▶ _PROVIDED DATA_
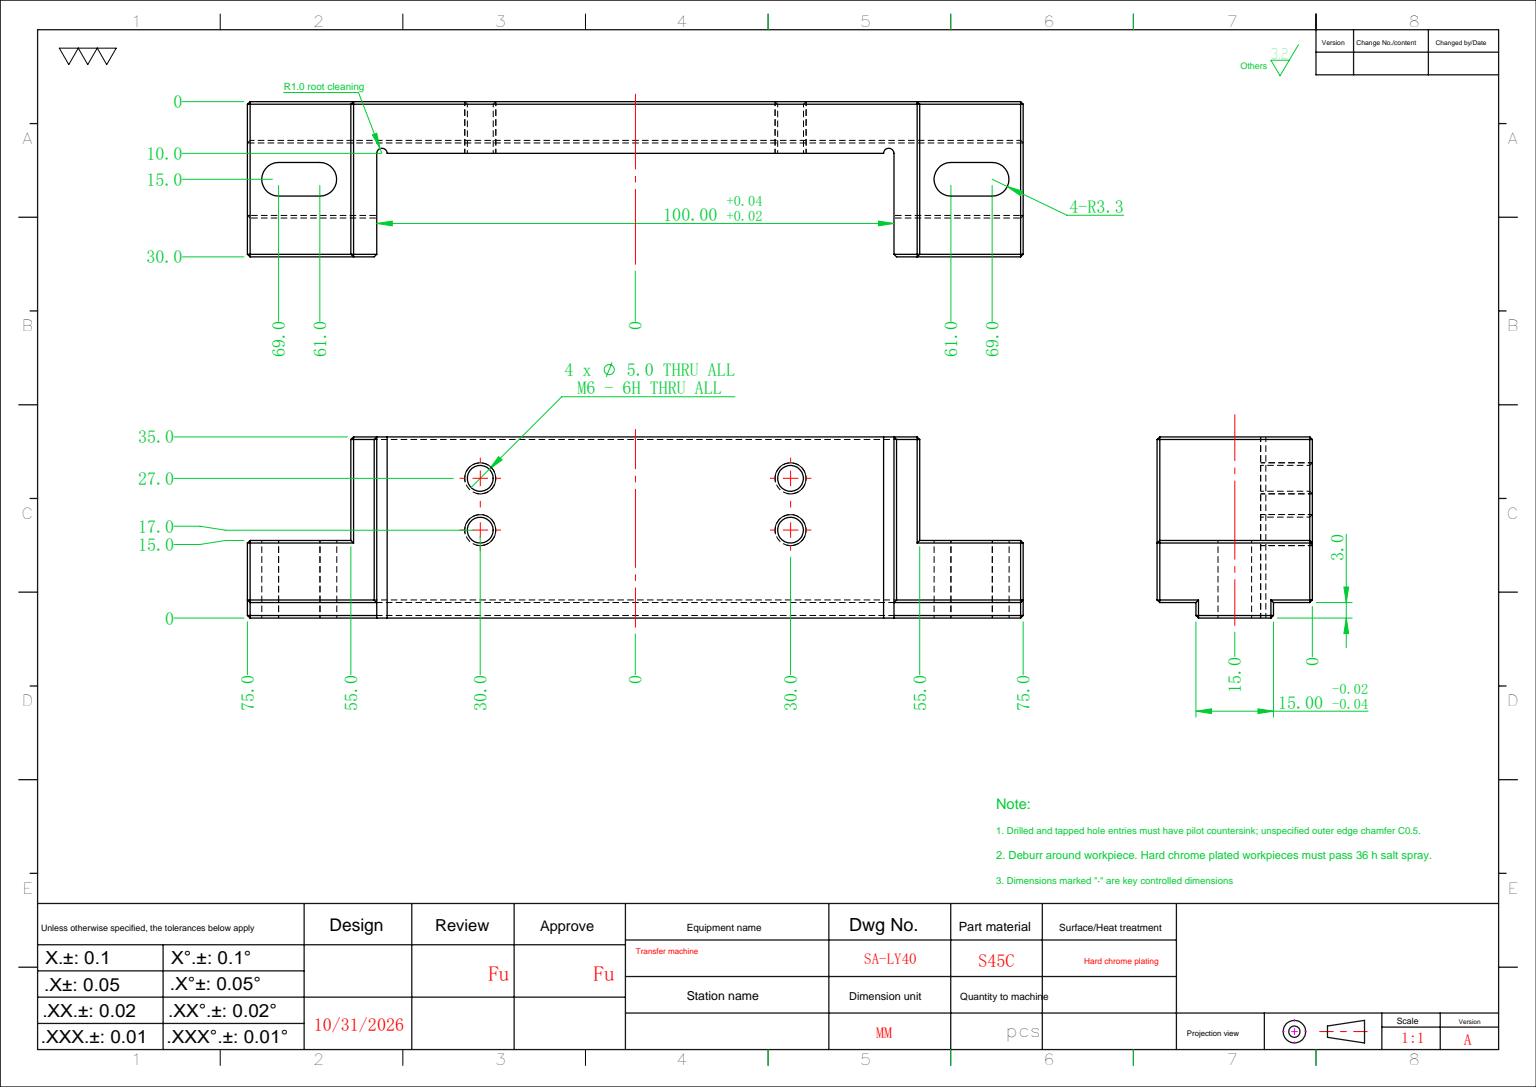
SolidWorks part; units mm, degrees
material "S45C"
ref_plane "前视基准面" through (0, 0, 0) normal (0, 0, 1) x (1, 0, 0)
ref_plane "上视基准面" through (0, 0, 0) normal (0, 1, 0) x (1, 0, 0)
ref_plane "右视基准面" through (0, 0, 0) normal (1, 0, 0) x (0, 0, -1)
sketch "草图1" plane through (0, 0, 0) normal (0, 0, 1) x (1, 0, 0)
  line L0 (0, 0) -> (116.7587, 0) construction
  line L1 (0, 0) -> (0, 69.0405) construction
  line L2 (-75, 0) -> (-75, 15)
  line L3 (-75, 15) -> (-55, 15)
  line L4 (-55, 15) -> (-55, 35)
  line L5 (55, 15) -> (55, 35)
  line L6 (75, 15) -> (55, 15)
  line L7 (75, 0) -> (75, 15)
  line L8 (-75, 0) -> (75, 0)
  line L9 (-55, 35) -> (55, 35)
  dimension "D1" = 150
  dimension "D2" = 110
  dimension "D3" = 15
  dimension "D4" = 35
extrude "凸台-拉伸1" add sketch "草图1" along normal mid plane 30
sketch "草图2" plane through (-75, 0, 0) normal (-1, 0, 0) x (0, 0, 1)
  line L0 (0, 0) -> (0, 17.2771) construction
  line L1 (-15, 0) -> (-7.5, 0)
  line L2 (-15, 0) -> (-15, 3)
  line L3 (-15, 3) -> (-7.5, 3)
  line L4 (-7.5, 0) -> (-7.5, 3)
  line L5 (7.5, 0) -> (7.5, 3)
  line L6 (15, 3) -> (7.5, 3)
  line L7 (15, 0) -> (15, 3)
  line L8 (15, 0) -> (7.5, 0)
  dimension "D1" = 15
  dimension "D2" = 3
extrude "切除-拉伸1" cut sketch "草图2" against normal through all
sketch "草图3" plane through (0, 35, 0) normal (0, 1, 0) x (1, 0, 0)
  line L0 (55, -15) -> (-55, -15) construction
  line L1 (-50, -15) -> (50, -15)
  line L2 (-50, -15) -> (-50, 5)
  line L3 (-50, 5) -> (50, 5)
  line L4 (50, -15) -> (50, 5)
  line L5 (0, 0) -> (0, -41.4975) construction
  dimension "D1" = 100
  dimension "D2" = 20
extrude "切除-拉伸2" cut sketch "草图3" against normal through all
sketch "草图4" plane through (0, 15, 0) normal (0, 1, 0) x (1, 0, 0)
  line L0 (0, 0) -> (126.1164, 0) construction
  line L1 (0, 0) -> (0, 50.8796) construction
  line L2 (61, 0) -> (69, 0) construction
  line L3 (61, 3.25) -> (69, 3.25)
  line L4 (61, -3.25) -> (69, -3.25)
  line L5 (-61, 0) -> (-69, 0) construction
  line L6 (-61, 3.25) -> (-69, 3.25)
  line L7 (-61, -3.25) -> (-69, -3.25)
  arc A0 (61, 3.25) -> (61, -3.25) centre (61, 0) ccw
  arc A1 (69, -3.25) -> (69, 3.25) centre (69, 0) ccw
  arc A2 (-61, 3.25) -> (-61, -3.25) centre (-61, 0) cw
  arc A3 (-69, -3.25) -> (-69, 3.25) centre (-69, 0) cw
  point P6 (65, 0)
  point P13 (-65, 0)
  dimension "D2" = 6.5
  dimension "D1" = 130
  dimension "D3" = 8
extrude "切除-拉伸3" cut sketch "草图4" against normal blind 30
hole_wizard "M6 螺纹孔1" positions "草图5" profile "草图6" tap size "M6" standard "ISO" end condition through all
sketch "草图5" plane through (0, 0, -5) normal (0, 0, 1) x (1, 0, 0)
  line L0 (0, 0) -> (0, 47.6129) construction
  line L2 (-50, 0) -> (50, 0) construction
  point P0 (-30, 17)
  point P11 (30, 17)
  dimension "D2" = 60
  dimension "D3" = 17
sketch "草图6" plane through (-30, 17, -5) normal (1, 0, 0) x (0, -1, 0)
  line L0 (0, 0) -> (0, 10)
  line L1 (0, 10) -> (2.5, 10)
  line L2 (2.5, 10) -> (2.5, 0)
  line L5 (2.5, 0) -> (0, 0)
  line L11 (0, -6.35) -> (0, 107.95) construction
  dimension "通孔螺纹孔钻头直径" = 5
  dimension "通孔螺纹孔钻头深度" = 10
cosmetic thread "孔螺蚊线1" parameters "D1"=12, "D2"=6
cosmetic thread "孔螺蚊线2" parameters "D1"=12, "D2"=6
pattern_linear "阵列(线性)1" count 2 spacing 10 along (0, 1, 0) of "M6 螺纹孔1"
chamfer "倒角1" distance 0.5 angle 45 41 edges at (32.5, 17, -15) (-27.5, 17, -15) (32.5, 27, -15) (-27.5, 27, -15) (65, 15, -15) (55, 25, -15) (0, 35, -15) (-55, 25, -15) (-65, 15, -15) (0, 3, -15) (75, 0, 0) (62.5, 0, 7.5) (75, 1.5, 7.5) (75, 3, 11.25) (-62.5, 3, 15) (-50, 19, 15) (-52.5, 35, 15) (-55, 35, 0) (-55, 25, 15) (-65, 15, 15) (-75, 15, 0) (-75, 9, 15) (-75, 3, 11.25) (-75, 1.5, 7.5) (-62.5, 0, 7.5) (-75, 0, 0) (-75, 9, -15) (-75, 3, -11.25) (-75, 1.5, -7.5) (0, 0, -7.5) (75, 1.5, -7.5) (75, 3, -11.25) (75, 9, -15) (75, 15, 0) (52.5, 35, 15) (50, 19, 15) (62.5, 3, 15) (75, 9, 15) (65, 15, 15) (55, 25, 15) (55, 35, 0)
sketch "草图7" plane through (0, 35, 0) normal (0, 1, 0) x (1, 0, 0)
  line L0 (50, 5) -> (-50, 5) construction
  circle A0 centre (-49, 5) radius 1
  circle A1 centre (49, 5) radius 1
  dimension "D1" = 2
extrude "切除-拉伸4" cut sketch "草图7" against normal through all
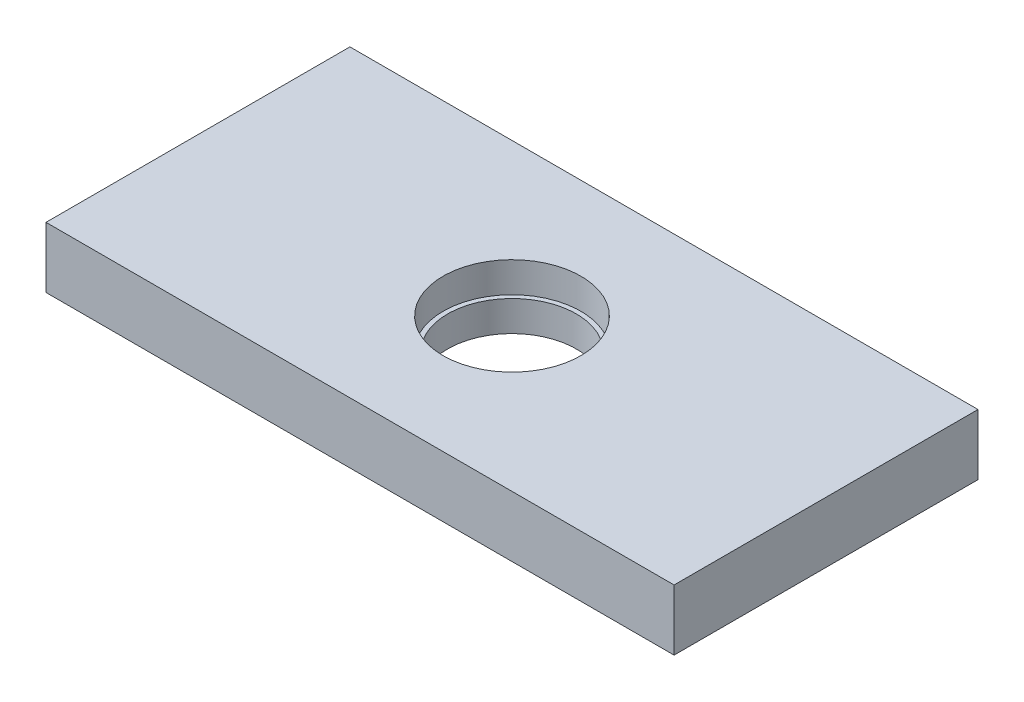
from build123d import *

# Parameters (mm, degrees)
SKETCH_1_W          = 310
SKETCH_1_H          = 150
EXTRUDE_1_DEPTH     = 30
SKETCH_2_R          = 31.75
CUT_EXTRUDE_1_DEPTH = 175.785582929
SKETCH_3_R          = 34
CUT_EXTRUDE_2_DEPTH = 15


with BuildPart() as part:
    # 草图1 → 凸台-拉伸1 (new body)
    with BuildSketch(Plane(origin=(0, 0, 0), x_dir=(1, 0, 0), z_dir=(0, 1, 0))):
        Rectangle(SKETCH_1_W, SKETCH_1_H)
    extrude(amount=EXTRUDE_1_DEPTH)

    # 草图2 → 切除-拉伸1 (cut, through all)
    with BuildSketch(Plane(origin=(0, 30, 0), x_dir=(1, 0, 0), z_dir=(0, 1, 0))):
        with Locations(Location((0, 0, 0), (0, 0, 270))):
            Circle(SKETCH_2_R)
    extrude(amount=-CUT_EXTRUDE_1_DEPTH, mode=Mode.SUBTRACT)

    # 草图3 → 切除-拉伸2 (cut)
    with BuildSketch(Plane(origin=(0, 30, 0), x_dir=(1, 0, 0), z_dir=(0, 1, 0))):
        with Locations(Location((0, 0, 0), (0, 0, 270))):
            Circle(SKETCH_3_R)
    extrude(amount=-CUT_EXTRUDE_2_DEPTH, mode=Mode.SUBTRACT)


solid = part.part
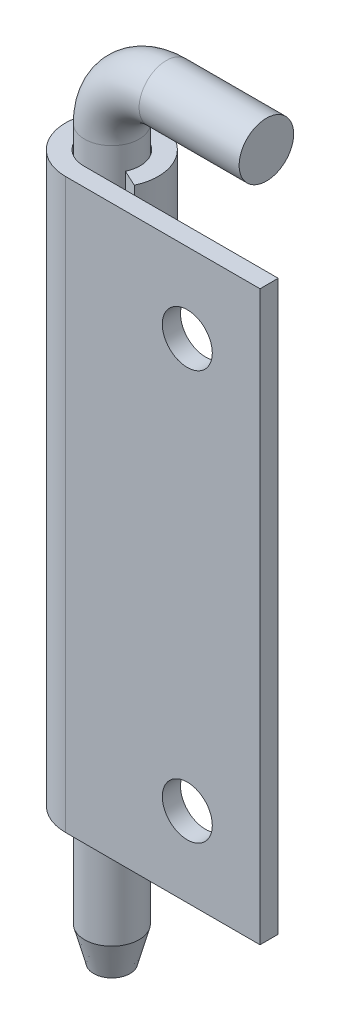
from build123d import *

# Parameters (mm, degrees)
SKETCH_2_R          = 3
EXTRUDE_1_DEPTH     = 62.5
SKETCH_5_R          = 2.75
CUT_EXTRUDE_2_DEPTH = 92.903210052
CHAMFER_1_SIZE      = 1
CHAMFER_1_SIZE2     = 3.732050808


with BuildPart() as part:
    # 扫描1: sweep along a path in 草图1
    with BuildLine(Plane.XY) as sweep_1_path:
        Line((0, 0), (0, 80))
        ThreePointArc((0, 80), (1.757359313, 84.242640687), (6, 86))
        Line((6, 86), (17, 86))
    # 草图2 → 扫描1 (sweep)
    with BuildSketch(Plane(origin=(0, 0, 0), x_dir=(1, 0, 0), z_dir=(0, 1, 0))):
        Circle(SKETCH_2_R)
    sweep(path=sweep_1_path.line)

    # 倒角1
    chamfer_1_edges = [part.edges().sort_by_distance(p)[0] for p in [
        (-3, 0, 0),
    ]]
    chamfer_1_side = [part.faces().sort_by_distance(p)[0] for p in [
        (0, 0, 0),
    ]]
    chamfer(chamfer_1_edges, length=CHAMFER_1_SIZE, length2=CHAMFER_1_SIZE2, reference=chamfer_1_side[0])


with BuildPart() as body_2:
    # 草图3 → 凸台-拉伸1 (new body)
    with BuildSketch(Plane(origin=(0, 15, 0), x_dir=(-1, 0, 0), z_dir=(0, -1, 0))):
        with BuildLine():
            Line((-21.4, -3.1), (-21.4, -5.1))
            Line((-21.4, -5.1), (0, -5.1))
            ThreePointArc((0, -5.1), (2.740228003, 4.301296374), (-4.622169714, -2.155353135))
            Line((-4.622169714, -2.155353135), (-2.80955414, -1.310116611))
            ThreePointArc((-2.80955414, -1.310116611), (1.665628786, 2.614513482), (0, -3.1))
            Line((0, -3.1), (-21.4, -3.1))
        make_face()
    extrude(amount=-EXTRUDE_1_DEPTH)

    # 草图5 → 切除-拉伸2 (cut, through all)
    with BuildSketch(Plane.XY.offset(3.1)):
        with Locations((13.4, 23.75)):
            Circle(SKETCH_5_R)
        with Locations((13.4, 68.75)):
            Circle(SKETCH_5_R)
    extrude(amount=CUT_EXTRUDE_2_DEPTH, mode=Mode.SUBTRACT)


solid = Compound([part.part, body_2.part])

▶ _EXERCISE OBJECTIVE_
Exactly restate the lines from the beginning of the data through the line with "line L6 (15, 3) -> (7.5, 3)", and no others, keeping pictures out.

▶ _RESPONSE TO THE TASK_
SolidWorks part; units mm, degrees
material "S45C"
ref_plane "前视基准面" through (0, 0, 0) normal (0, 0, 1) x (1, 0, 0)
ref_plane "上视基准面" through (0, 0, 0) normal (0, 1, 0) x (1, 0, 0)
ref_plane "右视基准面" through (0, 0, 0) normal (1, 0, 0) x (0, 0, -1)
sketch "草图1" plane through (0, 0, 0) normal (0, 0, 1) x (1, 0, 0)
  line L0 (0, 0) -> (116.7587, 0) construction
  line L1 (0, 0) -> (0, 69.0405) construction
  line L2 (-75, 0) -> (-75, 15)
  line L3 (-75, 15) -> (-55, 15)
  line L4 (-55, 15) -> (-55, 35)
  line L5 (55, 15) -> (55, 35)
  line L6 (75, 15) -> (55, 15)
  line L7 (75, 0) -> (75, 15)
  line L8 (-75, 0) -> (75, 0)
  line L9 (-55, 35) -> (55, 35)
  dimension "D1" = 150
  dimension "D2" = 110
  dimension "D3" = 15
  dimension "D4" = 35
extrude "凸台-拉伸1" add sketch "草图1" along normal mid plane 30
sketch "草图2" plane through (-75, 0, 0) normal (-1, 0, 0) x (0, 0, 1)
  line L0 (0, 0) -> (0, 17.2771) construction
  line L1 (-15, 0) -> (-7.5, 0)
  line L2 (-15, 0) -> (-15, 3)
  line L3 (-15, 3) -> (-7.5, 3)
  line L4 (-7.5, 0) -> (-7.5, 3)
  line L5 (7.5, 0) -> (7.5, 3)
  line L6 (15, 3) -> (7.5, 3)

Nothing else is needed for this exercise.